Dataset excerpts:
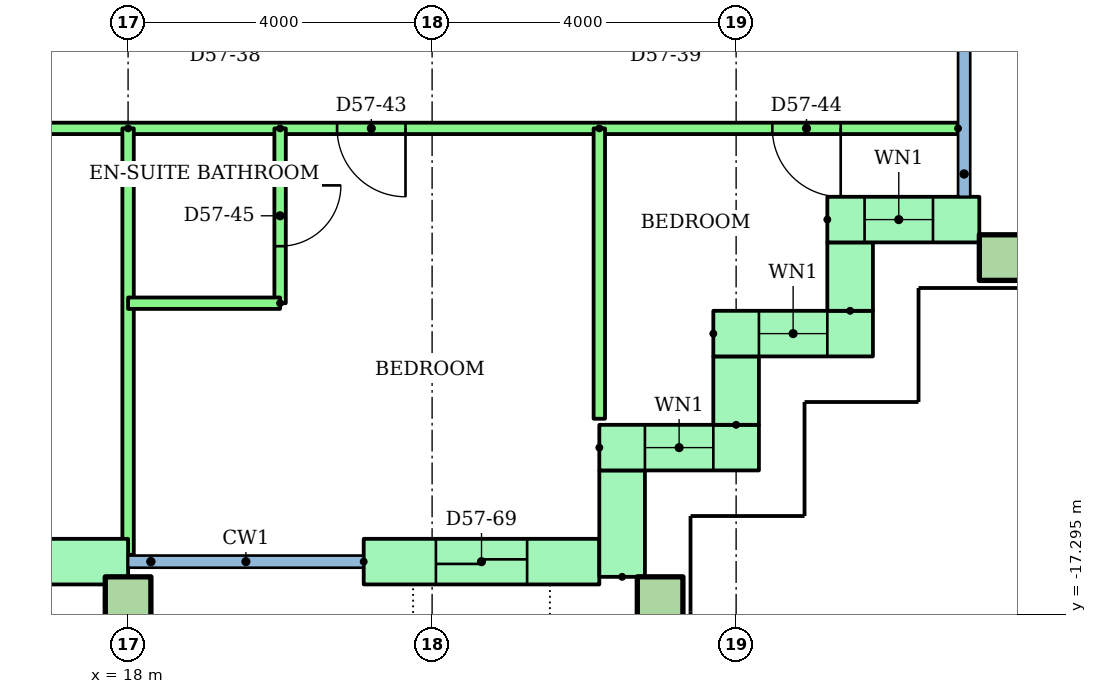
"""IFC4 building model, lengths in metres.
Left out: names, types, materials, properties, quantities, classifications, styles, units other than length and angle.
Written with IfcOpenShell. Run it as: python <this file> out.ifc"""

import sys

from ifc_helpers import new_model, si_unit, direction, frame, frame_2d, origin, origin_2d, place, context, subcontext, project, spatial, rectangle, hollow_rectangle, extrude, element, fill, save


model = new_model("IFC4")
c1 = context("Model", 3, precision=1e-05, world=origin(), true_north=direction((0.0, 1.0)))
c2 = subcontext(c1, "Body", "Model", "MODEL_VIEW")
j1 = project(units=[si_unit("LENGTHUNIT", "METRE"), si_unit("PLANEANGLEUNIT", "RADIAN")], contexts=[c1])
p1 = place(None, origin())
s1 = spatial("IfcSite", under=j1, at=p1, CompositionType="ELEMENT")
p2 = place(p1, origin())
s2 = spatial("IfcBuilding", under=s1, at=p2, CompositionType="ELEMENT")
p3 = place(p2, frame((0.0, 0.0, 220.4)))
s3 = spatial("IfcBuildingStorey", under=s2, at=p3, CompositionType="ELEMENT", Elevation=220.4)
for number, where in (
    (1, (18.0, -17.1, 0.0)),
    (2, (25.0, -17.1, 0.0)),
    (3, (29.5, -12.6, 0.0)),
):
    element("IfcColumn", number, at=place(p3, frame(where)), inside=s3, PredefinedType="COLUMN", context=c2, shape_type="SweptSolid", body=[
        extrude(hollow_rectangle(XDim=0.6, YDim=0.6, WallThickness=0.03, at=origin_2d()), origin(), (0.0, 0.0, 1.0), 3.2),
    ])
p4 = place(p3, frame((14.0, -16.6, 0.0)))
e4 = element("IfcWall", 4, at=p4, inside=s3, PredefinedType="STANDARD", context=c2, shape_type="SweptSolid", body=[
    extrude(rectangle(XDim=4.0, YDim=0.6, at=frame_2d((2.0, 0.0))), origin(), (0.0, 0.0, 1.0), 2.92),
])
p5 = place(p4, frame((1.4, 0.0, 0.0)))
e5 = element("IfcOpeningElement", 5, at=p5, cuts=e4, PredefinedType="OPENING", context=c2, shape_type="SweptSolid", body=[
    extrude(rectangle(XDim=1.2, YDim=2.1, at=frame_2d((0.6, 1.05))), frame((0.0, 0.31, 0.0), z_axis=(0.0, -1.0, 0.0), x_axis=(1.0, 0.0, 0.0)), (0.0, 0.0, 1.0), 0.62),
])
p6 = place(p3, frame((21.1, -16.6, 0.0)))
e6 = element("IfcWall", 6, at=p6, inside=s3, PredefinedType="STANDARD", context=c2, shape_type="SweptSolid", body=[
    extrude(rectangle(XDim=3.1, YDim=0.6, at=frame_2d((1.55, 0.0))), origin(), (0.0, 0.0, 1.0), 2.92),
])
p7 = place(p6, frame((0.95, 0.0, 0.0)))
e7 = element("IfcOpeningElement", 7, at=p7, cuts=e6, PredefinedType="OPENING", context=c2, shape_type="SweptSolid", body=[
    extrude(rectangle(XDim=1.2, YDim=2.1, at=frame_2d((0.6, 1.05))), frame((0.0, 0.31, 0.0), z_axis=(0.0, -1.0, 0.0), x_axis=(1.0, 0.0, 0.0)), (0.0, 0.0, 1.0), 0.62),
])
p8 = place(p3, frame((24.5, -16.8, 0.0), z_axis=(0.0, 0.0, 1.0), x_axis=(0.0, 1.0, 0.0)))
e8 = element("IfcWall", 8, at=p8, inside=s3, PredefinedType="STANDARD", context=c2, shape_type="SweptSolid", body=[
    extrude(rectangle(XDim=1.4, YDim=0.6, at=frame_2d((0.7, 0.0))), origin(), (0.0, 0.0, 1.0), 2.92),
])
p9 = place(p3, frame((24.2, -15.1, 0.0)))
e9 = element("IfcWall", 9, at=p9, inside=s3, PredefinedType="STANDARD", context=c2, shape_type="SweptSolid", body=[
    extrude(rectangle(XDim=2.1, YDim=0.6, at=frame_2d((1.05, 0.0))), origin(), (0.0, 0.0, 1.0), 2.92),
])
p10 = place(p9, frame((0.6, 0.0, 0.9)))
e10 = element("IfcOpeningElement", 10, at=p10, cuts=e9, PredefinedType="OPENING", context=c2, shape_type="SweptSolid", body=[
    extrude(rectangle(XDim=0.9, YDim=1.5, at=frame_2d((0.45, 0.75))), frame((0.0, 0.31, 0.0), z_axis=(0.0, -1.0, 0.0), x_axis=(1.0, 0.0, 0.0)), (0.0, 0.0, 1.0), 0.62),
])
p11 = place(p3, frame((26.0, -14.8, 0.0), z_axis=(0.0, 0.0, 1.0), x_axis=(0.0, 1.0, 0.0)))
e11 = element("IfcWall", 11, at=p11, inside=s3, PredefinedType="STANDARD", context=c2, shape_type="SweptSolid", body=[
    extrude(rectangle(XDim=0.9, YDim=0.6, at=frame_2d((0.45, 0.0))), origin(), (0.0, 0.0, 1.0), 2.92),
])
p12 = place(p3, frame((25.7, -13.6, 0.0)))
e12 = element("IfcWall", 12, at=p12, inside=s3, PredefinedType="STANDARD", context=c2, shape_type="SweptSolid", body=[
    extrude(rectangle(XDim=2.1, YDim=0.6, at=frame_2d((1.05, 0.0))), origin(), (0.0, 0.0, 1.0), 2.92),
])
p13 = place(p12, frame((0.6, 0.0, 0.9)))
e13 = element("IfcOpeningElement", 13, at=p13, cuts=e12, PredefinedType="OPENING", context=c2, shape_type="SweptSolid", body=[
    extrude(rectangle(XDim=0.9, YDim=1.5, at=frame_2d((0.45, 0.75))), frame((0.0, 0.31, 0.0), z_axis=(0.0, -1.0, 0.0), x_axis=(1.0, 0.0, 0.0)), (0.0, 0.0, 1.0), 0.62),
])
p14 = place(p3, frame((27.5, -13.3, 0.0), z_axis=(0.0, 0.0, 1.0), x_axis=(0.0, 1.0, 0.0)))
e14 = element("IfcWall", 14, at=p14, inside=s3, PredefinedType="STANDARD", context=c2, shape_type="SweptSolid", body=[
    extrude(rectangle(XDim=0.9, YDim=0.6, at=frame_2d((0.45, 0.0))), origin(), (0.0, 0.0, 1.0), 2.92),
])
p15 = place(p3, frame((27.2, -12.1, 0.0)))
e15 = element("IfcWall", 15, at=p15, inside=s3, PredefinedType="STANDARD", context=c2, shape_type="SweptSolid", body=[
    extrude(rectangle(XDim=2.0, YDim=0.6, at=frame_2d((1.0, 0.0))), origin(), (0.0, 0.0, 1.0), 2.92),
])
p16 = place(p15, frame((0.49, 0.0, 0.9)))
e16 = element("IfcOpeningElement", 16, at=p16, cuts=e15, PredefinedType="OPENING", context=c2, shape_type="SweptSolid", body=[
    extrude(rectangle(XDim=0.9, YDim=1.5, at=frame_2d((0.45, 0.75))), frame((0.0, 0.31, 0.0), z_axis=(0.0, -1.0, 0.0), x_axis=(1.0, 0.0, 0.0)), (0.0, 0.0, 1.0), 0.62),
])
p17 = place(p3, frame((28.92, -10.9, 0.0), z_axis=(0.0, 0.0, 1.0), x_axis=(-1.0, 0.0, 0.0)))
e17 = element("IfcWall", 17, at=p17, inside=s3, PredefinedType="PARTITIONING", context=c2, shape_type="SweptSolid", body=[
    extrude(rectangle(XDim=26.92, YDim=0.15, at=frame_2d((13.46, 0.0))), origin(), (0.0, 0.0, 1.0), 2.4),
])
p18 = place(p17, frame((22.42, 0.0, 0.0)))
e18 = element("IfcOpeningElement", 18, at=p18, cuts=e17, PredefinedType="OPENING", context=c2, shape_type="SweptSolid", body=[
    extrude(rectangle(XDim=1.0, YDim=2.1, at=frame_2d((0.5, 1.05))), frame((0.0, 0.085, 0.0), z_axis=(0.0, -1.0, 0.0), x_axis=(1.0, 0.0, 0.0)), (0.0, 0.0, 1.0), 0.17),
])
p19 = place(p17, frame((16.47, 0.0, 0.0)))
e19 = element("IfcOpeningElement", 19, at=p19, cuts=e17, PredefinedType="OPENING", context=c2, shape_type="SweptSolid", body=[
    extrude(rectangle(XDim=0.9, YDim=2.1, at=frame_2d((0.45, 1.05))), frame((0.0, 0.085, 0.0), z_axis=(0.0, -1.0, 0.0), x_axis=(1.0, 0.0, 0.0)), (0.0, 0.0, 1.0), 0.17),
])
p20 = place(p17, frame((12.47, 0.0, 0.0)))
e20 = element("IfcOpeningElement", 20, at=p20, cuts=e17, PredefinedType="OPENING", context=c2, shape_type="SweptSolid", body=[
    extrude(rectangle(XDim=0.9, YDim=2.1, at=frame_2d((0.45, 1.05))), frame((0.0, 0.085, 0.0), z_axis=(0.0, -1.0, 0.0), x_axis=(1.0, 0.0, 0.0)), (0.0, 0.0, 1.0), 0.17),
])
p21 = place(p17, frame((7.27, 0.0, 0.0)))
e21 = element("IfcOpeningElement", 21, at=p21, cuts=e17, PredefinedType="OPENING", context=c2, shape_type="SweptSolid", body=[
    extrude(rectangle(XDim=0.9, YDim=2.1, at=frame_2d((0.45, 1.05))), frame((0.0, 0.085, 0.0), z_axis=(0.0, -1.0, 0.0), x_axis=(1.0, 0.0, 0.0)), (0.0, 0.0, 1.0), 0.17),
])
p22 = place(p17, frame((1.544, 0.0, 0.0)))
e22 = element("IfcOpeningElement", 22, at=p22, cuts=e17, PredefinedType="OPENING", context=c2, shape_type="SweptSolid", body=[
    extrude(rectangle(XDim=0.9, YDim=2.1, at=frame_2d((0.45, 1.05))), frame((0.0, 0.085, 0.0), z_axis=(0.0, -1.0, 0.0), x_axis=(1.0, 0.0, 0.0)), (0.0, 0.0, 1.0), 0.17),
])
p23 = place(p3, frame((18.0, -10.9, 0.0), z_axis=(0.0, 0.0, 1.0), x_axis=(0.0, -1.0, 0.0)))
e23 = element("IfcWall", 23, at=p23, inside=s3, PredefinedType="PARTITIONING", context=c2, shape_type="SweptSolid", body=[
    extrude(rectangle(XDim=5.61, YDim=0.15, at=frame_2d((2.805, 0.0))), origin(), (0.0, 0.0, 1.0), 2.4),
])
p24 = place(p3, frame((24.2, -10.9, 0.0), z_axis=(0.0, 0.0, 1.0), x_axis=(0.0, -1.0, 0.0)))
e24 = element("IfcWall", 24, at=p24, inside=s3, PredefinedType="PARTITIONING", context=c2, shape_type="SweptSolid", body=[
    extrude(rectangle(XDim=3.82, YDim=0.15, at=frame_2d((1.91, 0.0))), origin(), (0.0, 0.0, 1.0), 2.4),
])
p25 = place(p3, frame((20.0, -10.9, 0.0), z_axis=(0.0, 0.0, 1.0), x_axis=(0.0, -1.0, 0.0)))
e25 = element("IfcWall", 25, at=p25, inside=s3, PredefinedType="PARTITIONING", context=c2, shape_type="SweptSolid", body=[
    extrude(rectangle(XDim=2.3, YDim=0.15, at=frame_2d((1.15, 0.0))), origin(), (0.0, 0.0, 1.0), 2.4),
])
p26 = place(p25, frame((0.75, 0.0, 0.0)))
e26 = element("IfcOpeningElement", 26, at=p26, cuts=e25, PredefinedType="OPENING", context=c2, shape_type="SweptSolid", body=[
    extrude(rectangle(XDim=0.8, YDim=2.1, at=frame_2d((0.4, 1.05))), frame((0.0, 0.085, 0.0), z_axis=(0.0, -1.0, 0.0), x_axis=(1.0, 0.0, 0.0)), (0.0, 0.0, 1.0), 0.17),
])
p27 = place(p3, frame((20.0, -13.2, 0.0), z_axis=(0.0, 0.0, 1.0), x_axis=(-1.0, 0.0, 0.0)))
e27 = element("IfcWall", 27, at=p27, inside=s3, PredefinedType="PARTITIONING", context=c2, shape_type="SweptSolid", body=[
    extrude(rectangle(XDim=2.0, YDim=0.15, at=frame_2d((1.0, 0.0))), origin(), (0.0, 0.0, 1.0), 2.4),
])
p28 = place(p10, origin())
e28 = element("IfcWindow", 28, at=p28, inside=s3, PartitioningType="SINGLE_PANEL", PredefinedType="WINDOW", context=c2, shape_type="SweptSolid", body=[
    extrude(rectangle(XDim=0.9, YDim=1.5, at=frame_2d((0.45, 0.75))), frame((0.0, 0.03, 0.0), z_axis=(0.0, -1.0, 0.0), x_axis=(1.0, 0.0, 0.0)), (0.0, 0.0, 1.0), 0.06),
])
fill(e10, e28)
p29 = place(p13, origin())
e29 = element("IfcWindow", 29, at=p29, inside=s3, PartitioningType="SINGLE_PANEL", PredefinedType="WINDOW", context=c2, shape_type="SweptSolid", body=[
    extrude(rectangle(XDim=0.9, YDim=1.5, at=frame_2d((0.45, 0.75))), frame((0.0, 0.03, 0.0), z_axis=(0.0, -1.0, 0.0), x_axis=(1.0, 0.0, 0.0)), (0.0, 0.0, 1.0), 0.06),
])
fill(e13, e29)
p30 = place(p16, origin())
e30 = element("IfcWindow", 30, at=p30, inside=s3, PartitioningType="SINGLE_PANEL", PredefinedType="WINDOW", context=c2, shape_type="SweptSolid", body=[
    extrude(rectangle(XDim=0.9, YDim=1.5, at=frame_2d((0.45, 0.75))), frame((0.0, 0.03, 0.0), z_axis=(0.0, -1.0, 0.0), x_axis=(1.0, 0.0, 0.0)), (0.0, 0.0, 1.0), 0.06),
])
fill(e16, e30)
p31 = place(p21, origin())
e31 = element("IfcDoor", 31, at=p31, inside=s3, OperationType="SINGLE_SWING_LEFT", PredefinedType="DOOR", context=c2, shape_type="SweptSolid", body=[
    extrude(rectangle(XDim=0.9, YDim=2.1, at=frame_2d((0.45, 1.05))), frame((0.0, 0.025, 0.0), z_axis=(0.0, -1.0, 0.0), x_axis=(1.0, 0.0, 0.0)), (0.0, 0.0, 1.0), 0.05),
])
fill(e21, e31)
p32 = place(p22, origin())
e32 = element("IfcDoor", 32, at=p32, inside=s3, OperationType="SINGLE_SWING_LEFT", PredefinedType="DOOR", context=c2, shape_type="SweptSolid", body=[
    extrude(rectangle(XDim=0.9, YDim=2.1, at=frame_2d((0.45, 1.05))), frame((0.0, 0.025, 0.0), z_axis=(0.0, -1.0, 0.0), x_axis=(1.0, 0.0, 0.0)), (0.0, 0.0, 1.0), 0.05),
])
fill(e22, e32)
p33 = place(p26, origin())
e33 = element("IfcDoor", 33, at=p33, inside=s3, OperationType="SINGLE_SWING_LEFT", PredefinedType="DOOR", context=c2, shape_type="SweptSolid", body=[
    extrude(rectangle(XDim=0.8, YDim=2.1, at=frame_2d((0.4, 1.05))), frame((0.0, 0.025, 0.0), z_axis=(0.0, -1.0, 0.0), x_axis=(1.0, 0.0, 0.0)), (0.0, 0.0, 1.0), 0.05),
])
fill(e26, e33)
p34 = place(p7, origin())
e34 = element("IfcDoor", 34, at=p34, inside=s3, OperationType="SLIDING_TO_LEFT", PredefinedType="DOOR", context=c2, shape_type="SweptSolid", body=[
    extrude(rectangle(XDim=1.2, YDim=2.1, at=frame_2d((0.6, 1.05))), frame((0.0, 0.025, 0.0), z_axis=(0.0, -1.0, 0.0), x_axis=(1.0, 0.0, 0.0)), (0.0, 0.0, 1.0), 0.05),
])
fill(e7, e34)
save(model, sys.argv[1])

§ Your task:
Every line in the records above that contains the word "import" is to be copied out.

§ Result for this exercise:
import sys
from ifc_helpers import new_model, si_unit, direction, frame, frame_2d, origin, origin_2d, place, context, subcontext, project, spatial, rectangle, hollow_rectangle, extrude, element, fill, save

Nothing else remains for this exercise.